Data records

---------------

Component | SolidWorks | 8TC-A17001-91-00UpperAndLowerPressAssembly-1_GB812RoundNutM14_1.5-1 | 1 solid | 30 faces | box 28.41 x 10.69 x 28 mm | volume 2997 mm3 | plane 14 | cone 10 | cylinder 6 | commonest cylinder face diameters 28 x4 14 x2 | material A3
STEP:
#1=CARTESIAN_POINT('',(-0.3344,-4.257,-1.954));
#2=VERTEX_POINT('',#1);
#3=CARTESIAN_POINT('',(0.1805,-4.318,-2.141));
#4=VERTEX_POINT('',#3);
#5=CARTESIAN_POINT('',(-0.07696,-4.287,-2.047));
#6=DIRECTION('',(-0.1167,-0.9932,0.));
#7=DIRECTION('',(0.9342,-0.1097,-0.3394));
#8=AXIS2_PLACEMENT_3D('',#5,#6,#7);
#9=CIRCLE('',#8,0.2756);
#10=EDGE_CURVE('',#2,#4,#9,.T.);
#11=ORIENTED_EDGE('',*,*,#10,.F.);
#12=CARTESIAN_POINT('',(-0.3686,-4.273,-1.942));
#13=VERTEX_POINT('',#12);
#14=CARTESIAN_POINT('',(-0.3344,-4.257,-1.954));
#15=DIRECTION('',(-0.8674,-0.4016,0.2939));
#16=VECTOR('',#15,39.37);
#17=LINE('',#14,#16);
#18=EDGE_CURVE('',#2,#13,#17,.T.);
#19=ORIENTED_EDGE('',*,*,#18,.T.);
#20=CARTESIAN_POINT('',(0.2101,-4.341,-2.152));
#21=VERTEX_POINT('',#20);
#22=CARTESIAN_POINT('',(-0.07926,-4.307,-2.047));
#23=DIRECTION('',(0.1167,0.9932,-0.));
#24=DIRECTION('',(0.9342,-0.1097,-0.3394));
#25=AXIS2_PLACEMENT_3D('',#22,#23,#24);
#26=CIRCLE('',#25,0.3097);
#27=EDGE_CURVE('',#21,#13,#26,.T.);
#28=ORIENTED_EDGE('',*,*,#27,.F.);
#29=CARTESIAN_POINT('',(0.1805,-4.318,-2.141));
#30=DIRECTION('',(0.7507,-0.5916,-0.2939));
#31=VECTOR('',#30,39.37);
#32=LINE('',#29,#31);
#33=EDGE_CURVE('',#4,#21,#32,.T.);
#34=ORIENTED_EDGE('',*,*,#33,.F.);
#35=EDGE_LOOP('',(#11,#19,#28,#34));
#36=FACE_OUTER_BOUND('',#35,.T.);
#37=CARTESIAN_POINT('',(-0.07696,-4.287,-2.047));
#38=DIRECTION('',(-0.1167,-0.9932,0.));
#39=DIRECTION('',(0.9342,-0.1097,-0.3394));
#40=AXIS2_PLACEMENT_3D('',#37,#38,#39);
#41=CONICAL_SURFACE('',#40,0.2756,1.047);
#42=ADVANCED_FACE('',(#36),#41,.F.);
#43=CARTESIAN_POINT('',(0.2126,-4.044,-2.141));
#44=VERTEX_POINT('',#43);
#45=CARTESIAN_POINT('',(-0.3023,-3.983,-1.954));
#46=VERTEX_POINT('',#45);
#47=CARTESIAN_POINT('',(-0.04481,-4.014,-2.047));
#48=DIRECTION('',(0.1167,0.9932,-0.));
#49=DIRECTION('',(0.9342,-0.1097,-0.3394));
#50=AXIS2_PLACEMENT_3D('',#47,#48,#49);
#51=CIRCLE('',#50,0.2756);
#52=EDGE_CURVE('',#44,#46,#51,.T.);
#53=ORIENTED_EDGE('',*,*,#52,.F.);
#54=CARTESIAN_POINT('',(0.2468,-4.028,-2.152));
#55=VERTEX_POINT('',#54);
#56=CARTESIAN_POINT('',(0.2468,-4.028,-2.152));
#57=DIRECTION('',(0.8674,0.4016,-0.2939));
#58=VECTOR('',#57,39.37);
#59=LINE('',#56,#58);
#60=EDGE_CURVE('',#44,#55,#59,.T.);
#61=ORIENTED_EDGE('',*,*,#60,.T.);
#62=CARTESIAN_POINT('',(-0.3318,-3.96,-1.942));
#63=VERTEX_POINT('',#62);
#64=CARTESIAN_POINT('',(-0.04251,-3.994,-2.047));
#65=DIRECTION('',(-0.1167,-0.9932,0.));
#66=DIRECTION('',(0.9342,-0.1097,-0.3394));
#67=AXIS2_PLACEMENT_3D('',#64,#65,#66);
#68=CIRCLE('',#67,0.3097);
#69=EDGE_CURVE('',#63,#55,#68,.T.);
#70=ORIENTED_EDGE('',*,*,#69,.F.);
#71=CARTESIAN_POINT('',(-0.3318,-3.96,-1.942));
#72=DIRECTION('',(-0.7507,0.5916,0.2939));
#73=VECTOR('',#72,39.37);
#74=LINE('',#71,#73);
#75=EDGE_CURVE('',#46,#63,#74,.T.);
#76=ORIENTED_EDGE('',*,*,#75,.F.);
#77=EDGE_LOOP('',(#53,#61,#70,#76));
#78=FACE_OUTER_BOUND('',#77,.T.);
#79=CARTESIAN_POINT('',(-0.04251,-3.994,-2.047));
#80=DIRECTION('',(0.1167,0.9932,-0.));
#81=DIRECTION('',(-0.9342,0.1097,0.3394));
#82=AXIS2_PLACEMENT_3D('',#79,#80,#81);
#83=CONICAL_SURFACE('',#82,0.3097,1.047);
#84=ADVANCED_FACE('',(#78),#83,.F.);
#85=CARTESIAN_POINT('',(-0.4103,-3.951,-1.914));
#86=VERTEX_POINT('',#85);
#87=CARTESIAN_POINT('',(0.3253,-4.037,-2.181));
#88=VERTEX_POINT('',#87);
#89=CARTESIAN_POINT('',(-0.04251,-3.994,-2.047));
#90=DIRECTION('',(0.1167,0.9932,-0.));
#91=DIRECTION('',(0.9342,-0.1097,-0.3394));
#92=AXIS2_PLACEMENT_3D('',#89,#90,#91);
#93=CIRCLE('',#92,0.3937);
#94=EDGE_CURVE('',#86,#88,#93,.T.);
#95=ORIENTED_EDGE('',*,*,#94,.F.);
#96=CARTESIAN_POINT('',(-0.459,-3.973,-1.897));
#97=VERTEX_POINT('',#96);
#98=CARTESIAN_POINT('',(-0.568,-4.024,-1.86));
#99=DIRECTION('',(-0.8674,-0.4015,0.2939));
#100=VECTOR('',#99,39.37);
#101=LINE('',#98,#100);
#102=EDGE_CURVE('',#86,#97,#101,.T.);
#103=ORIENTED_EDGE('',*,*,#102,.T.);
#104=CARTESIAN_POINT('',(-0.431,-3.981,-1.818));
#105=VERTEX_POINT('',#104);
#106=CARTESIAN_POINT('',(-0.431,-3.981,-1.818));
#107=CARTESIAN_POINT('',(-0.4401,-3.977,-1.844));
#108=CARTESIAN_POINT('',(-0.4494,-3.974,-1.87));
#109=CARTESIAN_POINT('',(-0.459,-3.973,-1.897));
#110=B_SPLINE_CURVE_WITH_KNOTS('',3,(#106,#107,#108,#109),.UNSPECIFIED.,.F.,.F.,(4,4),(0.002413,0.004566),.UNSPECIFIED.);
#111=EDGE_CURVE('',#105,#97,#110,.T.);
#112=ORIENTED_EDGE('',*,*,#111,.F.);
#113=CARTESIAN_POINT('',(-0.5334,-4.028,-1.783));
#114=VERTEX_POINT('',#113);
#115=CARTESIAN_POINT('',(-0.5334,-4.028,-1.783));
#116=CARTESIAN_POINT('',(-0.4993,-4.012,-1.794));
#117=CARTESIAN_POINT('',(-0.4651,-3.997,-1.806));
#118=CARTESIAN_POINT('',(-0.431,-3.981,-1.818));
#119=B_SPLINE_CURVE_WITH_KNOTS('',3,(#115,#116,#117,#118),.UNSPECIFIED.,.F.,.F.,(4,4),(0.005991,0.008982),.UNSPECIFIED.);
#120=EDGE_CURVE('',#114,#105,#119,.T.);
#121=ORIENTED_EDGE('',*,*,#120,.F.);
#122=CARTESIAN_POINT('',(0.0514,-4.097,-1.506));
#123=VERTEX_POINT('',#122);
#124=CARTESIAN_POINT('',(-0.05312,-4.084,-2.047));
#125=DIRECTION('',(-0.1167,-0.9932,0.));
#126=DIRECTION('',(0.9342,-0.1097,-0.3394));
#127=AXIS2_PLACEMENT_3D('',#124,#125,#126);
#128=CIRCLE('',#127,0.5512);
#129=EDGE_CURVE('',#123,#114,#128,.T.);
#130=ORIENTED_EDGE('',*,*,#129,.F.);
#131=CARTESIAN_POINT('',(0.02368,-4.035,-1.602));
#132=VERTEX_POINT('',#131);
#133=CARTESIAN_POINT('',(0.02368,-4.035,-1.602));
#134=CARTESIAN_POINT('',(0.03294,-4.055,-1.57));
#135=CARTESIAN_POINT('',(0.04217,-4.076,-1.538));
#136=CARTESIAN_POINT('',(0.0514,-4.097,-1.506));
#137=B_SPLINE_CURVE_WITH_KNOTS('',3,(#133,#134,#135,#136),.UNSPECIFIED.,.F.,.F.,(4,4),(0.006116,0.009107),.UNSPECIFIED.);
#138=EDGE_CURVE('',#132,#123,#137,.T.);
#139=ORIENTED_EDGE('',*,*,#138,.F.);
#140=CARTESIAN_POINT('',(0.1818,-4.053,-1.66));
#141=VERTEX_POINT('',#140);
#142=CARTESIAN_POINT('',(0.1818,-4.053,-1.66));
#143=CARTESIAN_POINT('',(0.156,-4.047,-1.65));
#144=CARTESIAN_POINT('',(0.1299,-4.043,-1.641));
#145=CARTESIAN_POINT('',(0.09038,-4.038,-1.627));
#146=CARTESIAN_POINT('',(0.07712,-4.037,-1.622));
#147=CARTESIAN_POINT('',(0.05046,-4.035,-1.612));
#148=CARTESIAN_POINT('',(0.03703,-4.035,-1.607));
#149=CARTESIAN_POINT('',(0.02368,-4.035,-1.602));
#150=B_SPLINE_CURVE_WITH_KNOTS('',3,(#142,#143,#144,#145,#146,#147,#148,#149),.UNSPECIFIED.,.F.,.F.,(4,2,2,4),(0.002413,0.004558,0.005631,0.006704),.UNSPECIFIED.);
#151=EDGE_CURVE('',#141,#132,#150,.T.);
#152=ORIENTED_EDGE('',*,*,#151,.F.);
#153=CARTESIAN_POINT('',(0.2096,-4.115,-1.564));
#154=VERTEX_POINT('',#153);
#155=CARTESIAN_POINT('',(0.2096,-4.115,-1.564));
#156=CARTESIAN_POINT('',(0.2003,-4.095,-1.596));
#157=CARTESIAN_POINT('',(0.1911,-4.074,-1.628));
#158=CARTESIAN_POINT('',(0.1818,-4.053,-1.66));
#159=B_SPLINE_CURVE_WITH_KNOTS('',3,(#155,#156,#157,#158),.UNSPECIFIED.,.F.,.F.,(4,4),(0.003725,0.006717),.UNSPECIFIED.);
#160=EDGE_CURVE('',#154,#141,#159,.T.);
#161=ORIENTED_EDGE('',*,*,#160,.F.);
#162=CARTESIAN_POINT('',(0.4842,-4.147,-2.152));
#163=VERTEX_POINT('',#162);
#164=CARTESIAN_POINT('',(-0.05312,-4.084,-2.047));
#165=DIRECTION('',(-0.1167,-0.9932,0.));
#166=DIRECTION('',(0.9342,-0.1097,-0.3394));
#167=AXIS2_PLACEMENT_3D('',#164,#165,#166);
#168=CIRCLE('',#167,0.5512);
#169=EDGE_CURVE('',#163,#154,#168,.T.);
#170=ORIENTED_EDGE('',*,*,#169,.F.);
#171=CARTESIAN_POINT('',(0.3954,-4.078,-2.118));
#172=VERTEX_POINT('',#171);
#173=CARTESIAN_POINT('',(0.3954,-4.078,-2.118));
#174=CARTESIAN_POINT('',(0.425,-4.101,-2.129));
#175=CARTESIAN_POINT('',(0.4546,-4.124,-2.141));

---------------

- Brief -
Write out exactly the lines from the line holding "#164=CARTESIAN_POINT('',(-0.05312,-4.084,-2.047));" through the last line of the data, and nothing besides those lines.

- Solution to the problem -
#164=CARTESIAN_POINT('',(-0.05312,-4.084,-2.047));
#165=DIRECTION('',(-0.1167,-0.9932,0.));
#166=DIRECTION('',(0.9342,-0.1097,-0.3394));
#167=AXIS2_PLACEMENT_3D('',#164,#165,#166);
#168=CIRCLE('',#167,0.5512);
#169=EDGE_CURVE('',#163,#154,#168,.T.);
#170=ORIENTED_EDGE('',*,*,#169,.F.);
#171=CARTESIAN_POINT('',(0.3954,-4.078,-2.118));
#172=VERTEX_POINT('',#171);
#173=CARTESIAN_POINT('',(0.3954,-4.078,-2.118));
#174=CARTESIAN_POINT('',(0.425,-4.101,-2.129));
#175=CARTESIAN_POINT('',(0.4546,-4.124,-2.141));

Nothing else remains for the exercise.